■ AIM OF THE EXERCISE ■
Please copy out each line of the entries in which "IfcWall" appears.

____ DATASET

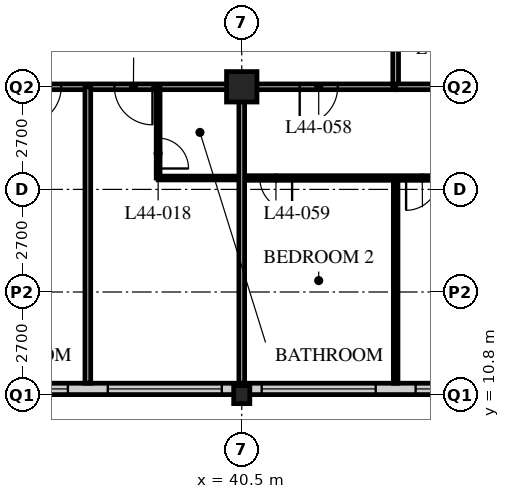
"""IFC4 building model, lengths in metres.
Left out: names, types, materials, properties, quantities, classifications, styles, units other than length and angle.
Written with IfcOpenShell. Run it as: python <this file> out.ifc"""

import sys

from ifc_helpers import new_model, si_unit, direction, frame, frame_2d, origin, origin_2d, place, context, subcontext, project, spatial, rectangle, hollow_rectangle, i_section, extrude, element, fill, save


model = new_model("IFC4")
c1 = context("Model", 3, precision=1e-05, world=origin(), true_north=direction((0.0, 1.0)))
c2 = subcontext(c1, "Body", "Model", "MODEL_VIEW")
j1 = project(units=[si_unit("LENGTHUNIT", "METRE"), si_unit("PLANEANGLEUNIT", "RADIAN")], contexts=[c1])
p1 = place(None, origin())
s1 = spatial("IfcSite", under=j1, at=p1, CompositionType="ELEMENT")
p2 = place(p1, origin())
s2 = spatial("IfcBuilding", under=s1, at=p2, CompositionType="ELEMENT")
p3 = place(p2, frame((0.0, 0.0, 174.0)))
s3 = spatial("IfcBuildingStorey", under=s2, at=p3, CompositionType="ELEMENT", Elevation=174.0)
p4 = place(p3, frame((40.5, 10.8, 0.0), z_axis=(0.0, 0.0, 1.0), x_axis=(1.0, 0.0, 0.0)))
e1 = element("IfcColumn", 1, at=p4, inside=s3, PredefinedType="COLUMN", context=c2, shape_type="SweptSolid", body=[
    extrude(i_section(OverallWidth=0.424, OverallDepth=0.475, WebThickness=0.048, FlangeThickness=0.077, FilletRadius=0.015, at=origin_2d()), origin(), (0.0, 0.0, 1.0), 3.6),
])
p5 = place(p3, frame((40.5, 18.9, 0.0), z_axis=(0.0, 0.0, 1.0), x_axis=(1.0, 0.0, 0.0)))
e2 = element("IfcColumn", 2, at=p5, inside=s3, PredefinedType="COLUMN", context=c2, shape_type="SweptSolid", body=[
    extrude(hollow_rectangle(XDim=0.8, YDim=0.8, WallThickness=0.08, at=origin_2d()), origin(), (0.0, 0.0, 1.0), 3.6),
])
p6 = place(p3, frame((8.4, 10.95, 0.0), z_axis=(0.0, 0.0, 1.0), x_axis=(1.0, 0.0, 0.0)))
e3 = element("IfcWall", 3, at=p6, inside=s3, PredefinedType="SOLIDWALL", context=c2, shape_type="SweptSolid", body=[
    extrude(rectangle(XDim=40.2, YDim=0.3, at=frame_2d((20.1, 0.0))), origin(), (0.0, 0.0, 1.0), 3.39),
])
p7 = place(p6, frame((0.225, 0.0, 0.6)))
e4 = element("IfcOpeningElement", 4, at=p7, cuts=e3, PredefinedType="OPENING", context=c2, shape_type="SweptSolid", body=[
    extrude(rectangle(XDim=3.0, YDim=2.4, at=frame_2d((1.5, 1.2))), frame((0.0, 0.16, 0.0), z_axis=(0.0, -1.0, 0.0), x_axis=(1.0, 0.0, 0.0)), (0.0, 0.0, 1.0), 0.32),
])
p8 = place(p6, frame((4.275, 0.0, 0.6)))
e5 = element("IfcOpeningElement", 5, at=p8, cuts=e3, PredefinedType="OPENING", context=c2, shape_type="SweptSolid", body=[
    extrude(rectangle(XDim=3.0, YDim=2.4, at=frame_2d((1.5, 1.2))), frame((0.0, 0.16, 0.0), z_axis=(0.0, -1.0, 0.0), x_axis=(1.0, 0.0, 0.0)), (0.0, 0.0, 1.0), 0.32),
])
p9 = place(p6, frame((8.325, 0.0, 0.6)))
e6 = element("IfcOpeningElement", 6, at=p9, cuts=e3, PredefinedType="OPENING", context=c2, shape_type="SweptSolid", body=[
    extrude(rectangle(XDim=3.0, YDim=2.4, at=frame_2d((1.5, 1.2))), frame((0.0, 0.16, 0.0), z_axis=(0.0, -1.0, 0.0), x_axis=(1.0, 0.0, 0.0)), (0.0, 0.0, 1.0), 0.32),
])
p10 = place(p6, frame((12.375, 0.0, 0.6)))
e7 = element("IfcOpeningElement", 7, at=p10, cuts=e3, PredefinedType="OPENING", context=c2, shape_type="SweptSolid", body=[
    extrude(rectangle(XDim=3.0, YDim=2.4, at=frame_2d((1.5, 1.2))), frame((0.0, 0.16, 0.0), z_axis=(0.0, -1.0, 0.0), x_axis=(1.0, 0.0, 0.0)), (0.0, 0.0, 1.0), 0.32),
])
p11 = place(p6, frame((16.425, 0.0, 0.6)))
e8 = element("IfcOpeningElement", 8, at=p11, cuts=e3, PredefinedType="OPENING", context=c2, shape_type="SweptSolid", body=[
    extrude(rectangle(XDim=3.0, YDim=2.4, at=frame_2d((1.5, 1.2))), frame((0.0, 0.16, 0.0), z_axis=(0.0, -1.0, 0.0), x_axis=(1.0, 0.0, 0.0)), (0.0, 0.0, 1.0), 0.32),
])
p12 = place(p6, frame((20.475, 0.0, 0.6)))
e9 = element("IfcOpeningElement", 9, at=p12, cuts=e3, PredefinedType="OPENING", context=c2, shape_type="SweptSolid", body=[
    extrude(rectangle(XDim=3.0, YDim=2.4, at=frame_2d((1.5, 1.2))), frame((0.0, 0.16, 0.0), z_axis=(0.0, -1.0, 0.0), x_axis=(1.0, 0.0, 0.0)), (0.0, 0.0, 1.0), 0.32),
])
p13 = place(p6, frame((24.525, 0.0, 0.6)))
e10 = element("IfcOpeningElement", 10, at=p13, cuts=e3, PredefinedType="OPENING", context=c2, shape_type="SweptSolid", body=[
    extrude(rectangle(XDim=3.0, YDim=2.4, at=frame_2d((1.5, 1.2))), frame((0.0, 0.16, 0.0), z_axis=(0.0, -1.0, 0.0), x_axis=(1.0, 0.0, 0.0)), (0.0, 0.0, 1.0), 0.32),
])
p14 = place(p6, frame((28.575, 0.0, 0.6)))
e11 = element("IfcOpeningElement", 11, at=p14, cuts=e3, PredefinedType="OPENING", context=c2, shape_type="SweptSolid", body=[
    extrude(rectangle(XDim=3.0, YDim=2.4, at=frame_2d((1.5, 1.2))), frame((0.0, 0.16, 0.0), z_axis=(0.0, -1.0, 0.0), x_axis=(1.0, 0.0, 0.0)), (0.0, 0.0, 1.0), 0.32),
])
p15 = place(p6, frame((32.625, 0.0, 0.6)))
e12 = element("IfcOpeningElement", 12, at=p15, cuts=e3, PredefinedType="OPENING", context=c2, shape_type="SweptSolid", body=[
    extrude(rectangle(XDim=3.0, YDim=2.4, at=frame_2d((1.5, 1.2))), frame((0.0, 0.16, 0.0), z_axis=(0.0, -1.0, 0.0), x_axis=(1.0, 0.0, 0.0)), (0.0, 0.0, 1.0), 0.32),
])
p16 = place(p6, frame((36.675, 0.0, 0.6)))
e13 = element("IfcOpeningElement", 13, at=p16, cuts=e3, PredefinedType="OPENING", context=c2, shape_type="SweptSolid", body=[
    extrude(rectangle(XDim=3.0, YDim=2.4, at=frame_2d((1.5, 1.2))), frame((0.0, 0.16, 0.0), z_axis=(0.0, -1.0, 0.0), x_axis=(1.0, 0.0, 0.0)), (0.0, 0.0, 1.0), 0.32),
])
p17 = place(p3, frame((12.15, 18.9, 0.0), z_axis=(0.0, 0.0, 1.0), x_axis=(1.0, 0.0, 0.0)))
e14 = element("IfcWall", 14, at=p17, inside=s3, PredefinedType="PARTITIONING", context=c2, shape_type="SweptSolid", body=[
    extrude(rectangle(XDim=32.4, YDim=0.15, at=frame_2d((16.2, 0.0))), origin(), (0.0, 0.0, 1.0), 2.778),
])
p18 = place(p17, frame((6.4, 0.0, 0.0)))
e15 = element("IfcOpeningElement", 15, at=p18, cuts=e14, PredefinedType="OPENING", context=c2, shape_type="SweptSolid", body=[
    extrude(rectangle(XDim=1.0, YDim=2.1, at=frame_2d((0.5, 1.05))), frame((0.0, 0.085, 0.0), z_axis=(0.0, -1.0, 0.0), x_axis=(1.0, 0.0, 0.0)), (0.0, 0.0, 1.0), 0.17),
])
p19 = place(p17, frame((8.8, 0.0, 0.0)))
e16 = element("IfcOpeningElement", 16, at=p19, cuts=e14, PredefinedType="OPENING", context=c2, shape_type="SweptSolid", body=[
    extrude(rectangle(XDim=1.0, YDim=2.1, at=frame_2d((0.5, 1.05))), frame((0.0, 0.085, 0.0), z_axis=(0.0, -1.0, 0.0), x_axis=(1.0, 0.0, 0.0)), (0.0, 0.0, 1.0), 0.17),
])
p20 = place(p17, frame((13.05, 0.0, 0.0)))
e17 = element("IfcOpeningElement", 17, at=p20, cuts=e14, PredefinedType="OPENING", context=c2, shape_type="SweptSolid", body=[
    extrude(rectangle(XDim=1.0, YDim=2.1, at=frame_2d((0.5, 1.05))), frame((0.0, 0.085, 0.0), z_axis=(0.0, -1.0, 0.0), x_axis=(1.0, 0.0, 0.0)), (0.0, 0.0, 1.0), 0.17),
])
p21 = place(p17, frame((22.6, 0.0, 0.0)))
e18 = element("IfcOpeningElement", 18, at=p21, cuts=e14, PredefinedType="OPENING", context=c2, shape_type="SweptSolid", body=[
    extrude(rectangle(XDim=1.0, YDim=2.1, at=frame_2d((0.5, 1.05))), frame((0.0, 0.085, 0.0), z_axis=(0.0, -1.0, 0.0), x_axis=(1.0, 0.0, 0.0)), (0.0, 0.0, 1.0), 0.17),
])
p22 = place(p17, frame((25.0, 0.0, 0.0)))
e19 = element("IfcOpeningElement", 19, at=p22, cuts=e14, PredefinedType="OPENING", context=c2, shape_type="SweptSolid", body=[
    extrude(rectangle(XDim=1.0, YDim=2.1, at=frame_2d((0.5, 1.05))), frame((0.0, 0.085, 0.0), z_axis=(0.0, -1.0, 0.0), x_axis=(1.0, 0.0, 0.0)), (0.0, 0.0, 1.0), 0.17),
])
p23 = place(p17, frame((1.525, 0.0, 0.0)))
e20 = element("IfcOpeningElement", 20, at=p23, cuts=e14, PredefinedType="OPENING", context=c2, shape_type="SweptSolid", body=[
    extrude(rectangle(XDim=1.0, YDim=2.1, at=frame_2d((0.5, 1.05))), frame((0.0, 0.085, 0.0), z_axis=(0.0, -1.0, 0.0), x_axis=(1.0, 0.0, 0.0)), (0.0, 0.0, 1.0), 0.17),
])
p24 = place(p17, frame((29.875, 0.0, 0.0)))
e21 = element("IfcOpeningElement", 21, at=p24, cuts=e14, PredefinedType="OPENING", context=c2, shape_type="SweptSolid", body=[
    extrude(rectangle(XDim=1.0, YDim=2.1, at=frame_2d((0.5, 1.05))), frame((0.0, 0.085, 0.0), z_axis=(0.0, -1.0, 0.0), x_axis=(1.0, 0.0, 0.0)), (0.0, 0.0, 1.0), 0.17),
])
p25 = place(p3, frame((44.55, 18.9, 0.0), z_axis=(0.0, 0.0, 1.0), x_axis=(0.0, 1.0, 0.0)))
e22 = element("IfcWall", 22, at=p25, inside=s3, PredefinedType="PARTITIONING", context=c2, shape_type="SweptSolid", body=[
    extrude(rectangle(XDim=24.3, YDim=0.15, at=frame_2d((12.15, 0.0))), origin(), (0.0, 0.0, 1.0), 3.39),
])
p26 = place(p25, frame((2.35, 0.0, 0.0)))
e23 = element("IfcOpeningElement", 23, at=p26, cuts=e22, PredefinedType="OPENING", context=c2, shape_type="SweptSolid", body=[
    extrude(rectangle(XDim=1.0, YDim=2.1, at=frame_2d((0.5, 1.05))), frame((0.0, 0.085, 0.0), z_axis=(0.0, -1.0, 0.0), x_axis=(1.0, 0.0, 0.0)), (0.0, 0.0, 1.0), 0.17),
])
p27 = place(p25, frame((4.45, 0.0, 0.0)))
e24 = element("IfcOpeningElement", 24, at=p27, cuts=e22, PredefinedType="OPENING", context=c2, shape_type="SweptSolid", body=[
    extrude(rectangle(XDim=1.0, YDim=2.1, at=frame_2d((0.5, 1.05))), frame((0.0, 0.085, 0.0), z_axis=(0.0, -1.0, 0.0), x_axis=(1.0, 0.0, 0.0)), (0.0, 0.0, 1.0), 0.17),
])
p28 = place(p25, frame((18.55, 0.0, 0.0)))
e25 = element("IfcOpeningElement", 25, at=p28, cuts=e22, PredefinedType="OPENING", context=c2, shape_type="SweptSolid", body=[
    extrude(rectangle(XDim=1.0, YDim=2.1, at=frame_2d((0.5, 1.05))), frame((0.0, 0.085, 0.0), z_axis=(0.0, -1.0, 0.0), x_axis=(1.0, 0.0, 0.0)), (0.0, 0.0, 1.0), 0.17),
])
p29 = place(p25, frame((22.6, 0.0, 0.0)))
e26 = element("IfcOpeningElement", 26, at=p29, cuts=e22, PredefinedType="OPENING", context=c2, shape_type="SweptSolid", body=[
    extrude(rectangle(XDim=1.0, YDim=2.1, at=frame_2d((0.5, 1.05))), frame((0.0, 0.085, 0.0), z_axis=(0.0, -1.0, 0.0), x_axis=(1.0, 0.0, 0.0)), (0.0, 0.0, 1.0), 0.17),
])
p30 = place(p3, frame((36.45, 18.9, 0.0), z_axis=(0.0, 0.0, 1.0), x_axis=(0.0, -1.0, 0.0)))
e27 = element("IfcWall", 27, at=p30, inside=s3, PredefinedType="PARTITIONING", context=c2, shape_type="SweptSolid", body=[
    extrude(rectangle(XDim=7.8, YDim=0.15, at=frame_2d((3.9, 0.0))), origin(), (0.0, 0.0, 1.0), 3.39),
])
p31 = place(p3, frame((38.3, 16.5, 0.0), z_axis=(0.0, 0.0, 1.0), x_axis=(1.0, 0.0, 0.0)))
e28 = element("IfcWall", 28, at=p31, inside=s3, PredefinedType="PARTITIONING", context=c2, shape_type="SweptSolid", body=[
    extrude(rectangle(XDim=2.2, YDim=0.1, at=frame_2d((1.1, 0.0))), origin(), (0.0, 0.0, 1.0), 3.39),
])
p32 = place(p3, frame((38.3, 18.9, 0.0), z_axis=(0.0, 0.0, 1.0), x_axis=(0.0, -1.0, 0.0)))
e29 = element("IfcWall", 29, at=p32, inside=s3, PredefinedType="PARTITIONING", context=c2, shape_type="SweptSolid", body=[
    extrude(rectangle(XDim=2.4, YDim=0.1, at=frame_2d((1.2, 0.0))), origin(), (0.0, 0.0, 1.0), 3.39),
])
p33 = place(p32, frame((1.35, 0.0, 0.0)))
e30 = element("IfcOpeningElement", 30, at=p33, cuts=e29, PredefinedType="OPENING", context=c2, shape_type="SweptSolid", body=[
    extrude(rectangle(XDim=0.8, YDim=2.1, at=frame_2d((0.4, 1.05))), frame((0.0, 0.06, 0.0), z_axis=(0.0, -1.0, 0.0), x_axis=(1.0, 0.0, 0.0)), (0.0, 0.0, 1.0), 0.12),
])
p34 = place(p3, frame((40.5, 16.5, 0.0), z_axis=(0.0, 0.0, 1.0), x_axis=(1.0, 0.0, 0.0)))
e31 = element("IfcWall", 31, at=p34, inside=s3, PredefinedType="PARTITIONING", context=c2, shape_type="SweptSolid", body=[
    extrude(rectangle(XDim=8.05, YDim=0.12, at=frame_2d((4.025, 0.0))), origin(), (0.0, 0.0, 1.0), 3.39),
])
p35 = place(p34, frame((0.475, 0.0, 0.0)))
e32 = element("IfcOpeningElement", 32, at=p35, cuts=e31, PredefinedType="OPENING", context=c2, shape_type="SweptSolid", body=[
    extrude(rectangle(XDim=0.85, YDim=2.1, at=frame_2d((0.425, 1.05))), frame((0.0, 0.07, 0.0), z_axis=(0.0, -1.0, 0.0), x_axis=(1.0, 0.0, 0.0)), (0.0, 0.0, 1.0), 0.14),
])
p36 = place(p34, frame((4.325, 0.0, 0.0)))
e33 = element("IfcOpeningElement", 33, at=p36, cuts=e31, PredefinedType="OPENING", context=c2, shape_type="SweptSolid", body=[
    extrude(rectangle(XDim=0.85, YDim=2.1, at=frame_2d((0.425, 1.05))), frame((0.0, 0.07, 0.0), z_axis=(0.0, -1.0, 0.0), x_axis=(1.0, 0.0, 0.0)), (0.0, 0.0, 1.0), 0.14),
])
p37 = place(p3, frame((44.55, 16.5, 0.0), z_axis=(0.0, 0.0, 1.0), x_axis=(0.0, -1.0, 0.0)))
e34 = element("IfcWall", 34, at=p37, inside=s3, PredefinedType="PARTITIONING", context=c2, shape_type="SweptSolid", body=[
    extrude(rectangle(XDim=5.4, YDim=0.12, at=frame_2d((2.7, 0.0))), origin(), (0.0, 0.0, 1.0), 3.39),
])
p38 = place(p3, frame((44.55, 18.9, 0.0), z_axis=(0.0, 0.0, 1.0), x_axis=(1.0, 0.0, 0.0)))
e35 = element("IfcWall", 35, at=p38, inside=s3, PredefinedType="PARTITIONING", context=c2, shape_type="SweptSolid", body=[
    extrude(rectangle(XDim=7.8, YDim=0.15, at=frame_2d((3.9, 0.0))), origin(), (0.0, 0.0, 1.0), 2.778),
])
p39 = place(p3, frame((40.5, 18.9, 0.0), z_axis=(0.0, 0.0, 1.0), x_axis=(0.0, -1.0, 0.0)))
e36 = element("IfcWall", 36, at=p39, inside=s3, PredefinedType="PARTITIONING", context=c2, shape_type="SweptSolid", body=[
    extrude(rectangle(XDim=7.8, YDim=0.15, at=frame_2d((3.9, 0.0))), origin(), (0.0, 0.0, 1.0), 2.778),
])
p40 = place(p13, origin())
e37 = element("IfcWindow", 37, at=p40, inside=s3, PartitioningType="SINGLE_PANEL", PredefinedType="WINDOW", context=c2, shape_type="SweptSolid", body=[
    extrude(rectangle(XDim=3.0, YDim=2.4, at=frame_2d((1.5, 1.2))), frame((0.0, 0.03, 0.0), z_axis=(0.0, -1.0, 0.0), x_axis=(1.0, 0.0, 0.0)), (0.0, 0.0, 1.0), 0.06),
])
fill(e10, e37)
p41 = place(p14, origin())
e38 = element("IfcWindow", 38, at=p41, inside=s3, PartitioningType="SINGLE_PANEL", PredefinedType="WINDOW", context=c2, shape_type="SweptSolid", body=[
    extrude(rectangle(XDim=3.0, YDim=2.4, at=frame_2d((1.5, 1.2))), frame((0.0, 0.03, 0.0), z_axis=(0.0, -1.0, 0.0), x_axis=(1.0, 0.0, 0.0)), (0.0, 0.0, 1.0), 0.06),
])
fill(e11, e38)
p42 = place(p15, origin())
e39 = element("IfcWindow", 39, at=p42, inside=s3, PartitioningType="SINGLE_PANEL", PredefinedType="WINDOW", context=c2, shape_type="SweptSolid", body=[
    extrude(rectangle(XDim=3.0, YDim=2.4, at=frame_2d((1.5, 1.2))), frame((0.0, 0.03, 0.0), z_axis=(0.0, -1.0, 0.0), x_axis=(1.0, 0.0, 0.0)), (0.0, 0.0, 1.0), 0.06),
])
fill(e12, e39)
p43 = place(p16, origin())
e40 = element("IfcWindow", 40, at=p43, inside=s3, PartitioningType="SINGLE_PANEL", PredefinedType="WINDOW", context=c2, shape_type="SweptSolid", body=[
    extrude(rectangle(XDim=3.0, YDim=2.4, at=frame_2d((1.5, 1.2))), frame((0.0, 0.03, 0.0), z_axis=(0.0, -1.0, 0.0), x_axis=(1.0, 0.0, 0.0)), (0.0, 0.0, 1.0), 0.06),
])
fill(e13, e40)
p44 = place(p21, origin())
e41 = element("IfcDoor", 41, at=p44, inside=s3, OperationType="SINGLE_SWING_RIGHT", PredefinedType="DOOR", context=c2, shape_type="SweptSolid", body=[
    extrude(rectangle(XDim=1.0, YDim=2.1, at=frame_2d((0.5, 1.05))), frame((0.0, 0.025, 0.0), z_axis=(0.0, -1.0, 0.0), x_axis=(1.0, 0.0, 0.0)), (0.0, 0.0, 1.0), 0.05),
])
fill(e18, e41)
p45 = place(p33, origin())
e42 = element("IfcDoor", 42, at=p45, inside=s3, OperationType="SINGLE_SWING_RIGHT", PredefinedType="DOOR", context=c2, shape_type="SweptSolid", body=[
    extrude(rectangle(XDim=0.8, YDim=2.1, at=frame_2d((0.4, 1.05))), frame((0.0, 0.025, 0.0), z_axis=(0.0, -1.0, 0.0), x_axis=(1.0, 0.0, 0.0)), (0.0, 0.0, 1.0), 0.05),
])
fill(e30, e42)
p46 = place(p22, origin())
e43 = element("IfcDoor", 43, at=p46, inside=s3, OperationType="SINGLE_SWING_LEFT", PredefinedType="DOOR", context=c2, shape_type="SweptSolid", body=[
    extrude(rectangle(XDim=1.0, YDim=2.1, at=frame_2d((0.5, 1.05))), frame((0.0, 0.025, 0.0), z_axis=(0.0, -1.0, 0.0), x_axis=(1.0, 0.0, 0.0)), (0.0, 0.0, 1.0), 0.05),
])
fill(e19, e43)
p47 = place(p24, origin())
e44 = element("IfcDoor", 44, at=p47, inside=s3, OperationType="SINGLE_SWING_RIGHT", PredefinedType="DOOR", context=c2, shape_type="SweptSolid", body=[
    extrude(rectangle(XDim=1.0, YDim=2.1, at=frame_2d((0.5, 1.05))), frame((0.0, 0.025, 0.0), z_axis=(0.0, -1.0, 0.0), x_axis=(1.0, 0.0, 0.0)), (0.0, 0.0, 1.0), 0.05),
])
fill(e21, e44)
p48 = place(p35, origin())
e45 = element("IfcDoor", 45, at=p48, inside=s3, OperationType="SINGLE_SWING_LEFT", PredefinedType="DOOR", context=c2, shape_type="SweptSolid", body=[
    extrude(rectangle(XDim=0.85, YDim=2.1, at=frame_2d((0.425, 1.05))), frame((0.0, 0.025, 0.0), z_axis=(0.0, -1.0, 0.0), x_axis=(1.0, 0.0, 0.0)), (0.0, 0.0, 1.0), 0.05),
])
fill(e32, e45)
p49 = place(p36, origin())
e46 = element("IfcDoor", 46, at=p49, inside=s3, OperationType="SINGLE_SWING_RIGHT", PredefinedType="DOOR", context=c2, shape_type="SweptSolid", body=[
    extrude(rectangle(XDim=0.85, YDim=2.1, at=frame_2d((0.425, 1.05))), frame((0.0, 0.025, 0.0), z_axis=(0.0, -1.0, 0.0), x_axis=(1.0, 0.0, 0.0)), (0.0, 0.0, 1.0), 0.05),
])
fill(e33, e46)
save(model, sys.argv[1])

________

■ ANSWER TO THIS PROBLEM ■
e3 = element("IfcWall", 3, at=p6, inside=s3, PredefinedType="SOLIDWALL", context=c2, shape_type="SweptSolid", body=[
e14 = element("IfcWall", 14, at=p17, inside=s3, PredefinedType="PARTITIONING", context=c2, shape_type="SweptSolid", body=[
e22 = element("IfcWall", 22, at=p25, inside=s3, PredefinedType="PARTITIONING", context=c2, shape_type="SweptSolid", body=[
e27 = element("IfcWall", 27, at=p30, inside=s3, PredefinedType="PARTITIONING", context=c2, shape_type="SweptSolid", body=[
e28 = element("IfcWall", 28, at=p31, inside=s3, PredefinedType="PARTITIONING", context=c2, shape_type="SweptSolid", body=[
e29 = element("IfcWall", 29, at=p32, inside=s3, PredefinedType="PARTITIONING", context=c2, shape_type="SweptSolid", body=[
e31 = element("IfcWall", 31, at=p34, inside=s3, PredefinedType="PARTITIONING", context=c2, shape_type="SweptSolid", body=[
e34 = element("IfcWall", 34, at=p37, inside=s3, PredefinedType="PARTITIONING", context=c2, shape_type="SweptSolid", body=[
e35 = element("IfcWall", 35, at=p38, inside=s3, PredefinedType="PARTITIONING", context=c2, shape_type="SweptSolid", body=[
e36 = element("IfcWall", 36, at=p39, inside=s3, PredefinedType="PARTITIONING", context=c2, shape_type="SweptSolid", body=[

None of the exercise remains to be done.